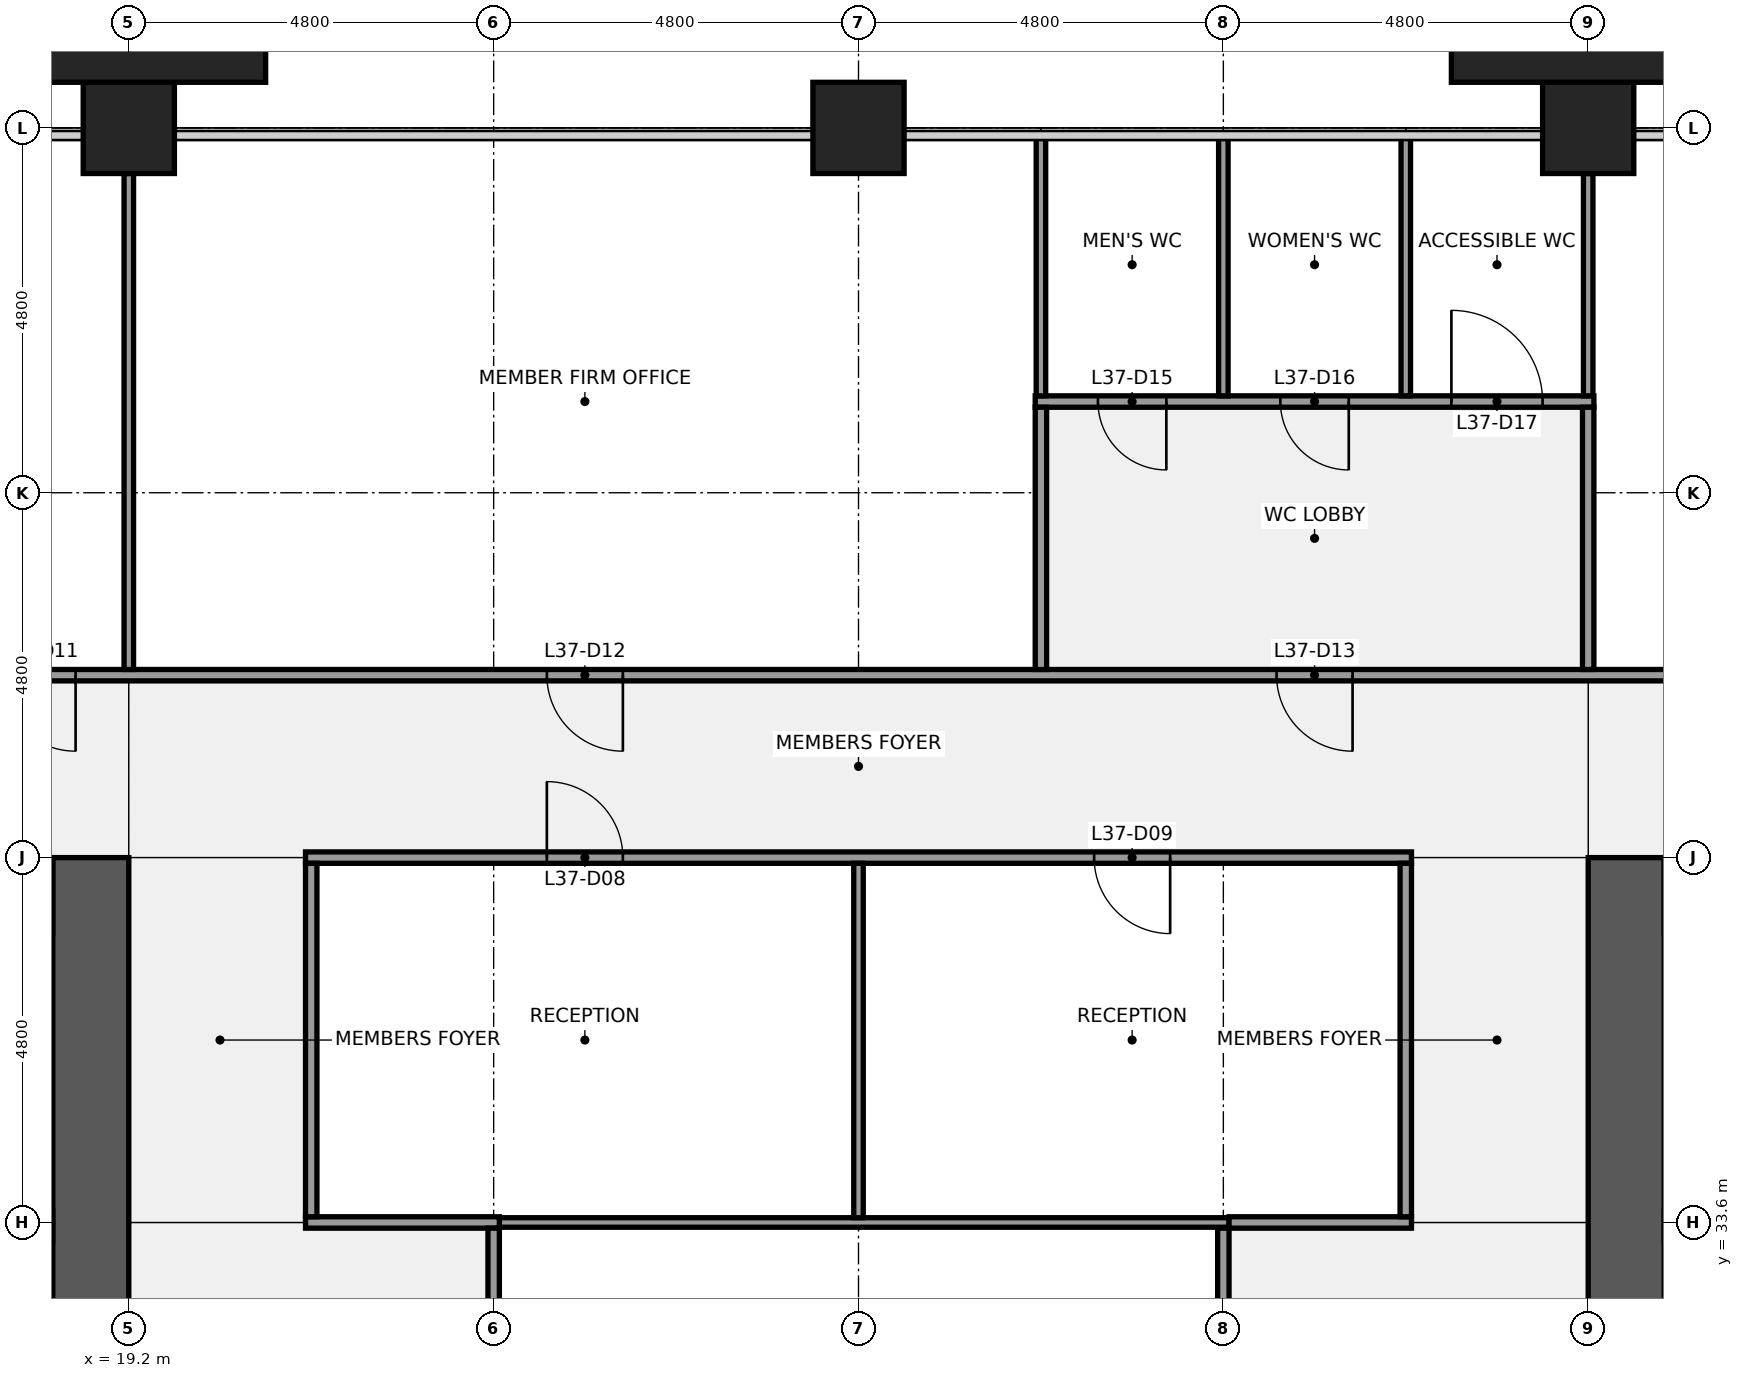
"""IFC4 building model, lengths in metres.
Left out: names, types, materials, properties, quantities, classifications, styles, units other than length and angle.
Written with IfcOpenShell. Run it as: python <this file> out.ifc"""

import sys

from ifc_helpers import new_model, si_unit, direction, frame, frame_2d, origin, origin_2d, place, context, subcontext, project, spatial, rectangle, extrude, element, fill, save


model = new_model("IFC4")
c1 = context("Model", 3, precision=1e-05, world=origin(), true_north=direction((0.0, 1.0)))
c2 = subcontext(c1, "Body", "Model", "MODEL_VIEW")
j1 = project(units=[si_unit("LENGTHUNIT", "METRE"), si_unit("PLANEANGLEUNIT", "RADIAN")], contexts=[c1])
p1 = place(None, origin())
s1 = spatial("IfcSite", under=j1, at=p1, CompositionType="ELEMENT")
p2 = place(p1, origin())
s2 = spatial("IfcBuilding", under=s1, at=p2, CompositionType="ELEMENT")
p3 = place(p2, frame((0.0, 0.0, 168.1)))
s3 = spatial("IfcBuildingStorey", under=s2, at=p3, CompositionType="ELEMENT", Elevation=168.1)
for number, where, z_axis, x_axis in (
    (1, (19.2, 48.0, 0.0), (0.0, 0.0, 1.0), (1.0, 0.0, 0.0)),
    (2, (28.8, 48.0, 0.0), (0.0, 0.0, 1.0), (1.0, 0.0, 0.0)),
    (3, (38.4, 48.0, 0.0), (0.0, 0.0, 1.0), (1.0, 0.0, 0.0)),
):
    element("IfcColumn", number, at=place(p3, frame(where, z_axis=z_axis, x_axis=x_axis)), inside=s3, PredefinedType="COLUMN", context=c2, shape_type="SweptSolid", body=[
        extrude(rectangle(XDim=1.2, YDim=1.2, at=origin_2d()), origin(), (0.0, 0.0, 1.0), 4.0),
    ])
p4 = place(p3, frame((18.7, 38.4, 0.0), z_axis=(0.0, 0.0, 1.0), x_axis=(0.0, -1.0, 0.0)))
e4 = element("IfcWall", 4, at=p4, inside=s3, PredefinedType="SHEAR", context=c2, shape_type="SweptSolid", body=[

(WHAT TO PRODUCE):
Transcribe the material above word for word; images do not belong in the copy.

(OUTPUT OF THE EXERCISE):
"""IFC4 building model, lengths in metres.
Left out: names, types, materials, properties, quantities, classifications, styles, units other than length and angle.
Written with IfcOpenShell. Run it as: python <this file> out.ifc"""

import sys

from ifc_helpers import new_model, si_unit, direction, frame, frame_2d, origin, origin_2d, place, context, subcontext, project, spatial, rectangle, extrude, element, fill, save


model = new_model("IFC4")
c1 = context("Model", 3, precision=1e-05, world=origin(), true_north=direction((0.0, 1.0)))
c2 = subcontext(c1, "Body", "Model", "MODEL_VIEW")
j1 = project(units=[si_unit("LENGTHUNIT", "METRE"), si_unit("PLANEANGLEUNIT", "RADIAN")], contexts=[c1])
p1 = place(None, origin())
s1 = spatial("IfcSite", under=j1, at=p1, CompositionType="ELEMENT")
p2 = place(p1, origin())
s2 = spatial("IfcBuilding", under=s1, at=p2, CompositionType="ELEMENT")
p3 = place(p2, frame((0.0, 0.0, 168.1)))
s3 = spatial("IfcBuildingStorey", under=s2, at=p3, CompositionType="ELEMENT", Elevation=168.1)
for number, where, z_axis, x_axis in (
    (1, (19.2, 48.0, 0.0), (0.0, 0.0, 1.0), (1.0, 0.0, 0.0)),
    (2, (28.8, 48.0, 0.0), (0.0, 0.0, 1.0), (1.0, 0.0, 0.0)),
    (3, (38.4, 48.0, 0.0), (0.0, 0.0, 1.0), (1.0, 0.0, 0.0)),
):
    element("IfcColumn", number, at=place(p3, frame(where, z_axis=z_axis, x_axis=x_axis)), inside=s3, PredefinedType="COLUMN", context=c2, shape_type="SweptSolid", body=[
        extrude(rectangle(XDim=1.2, YDim=1.2, at=origin_2d()), origin(), (0.0, 0.0, 1.0), 4.0),
    ])
p4 = place(p3, frame((18.7, 38.4, 0.0), z_axis=(0.0, 0.0, 1.0), x_axis=(0.0, -1.0, 0.0)))
e4 = element("IfcWall", 4, at=p4, inside=s3, PredefinedType="SHEAR", context=c2, shape_type="SweptSolid", body=[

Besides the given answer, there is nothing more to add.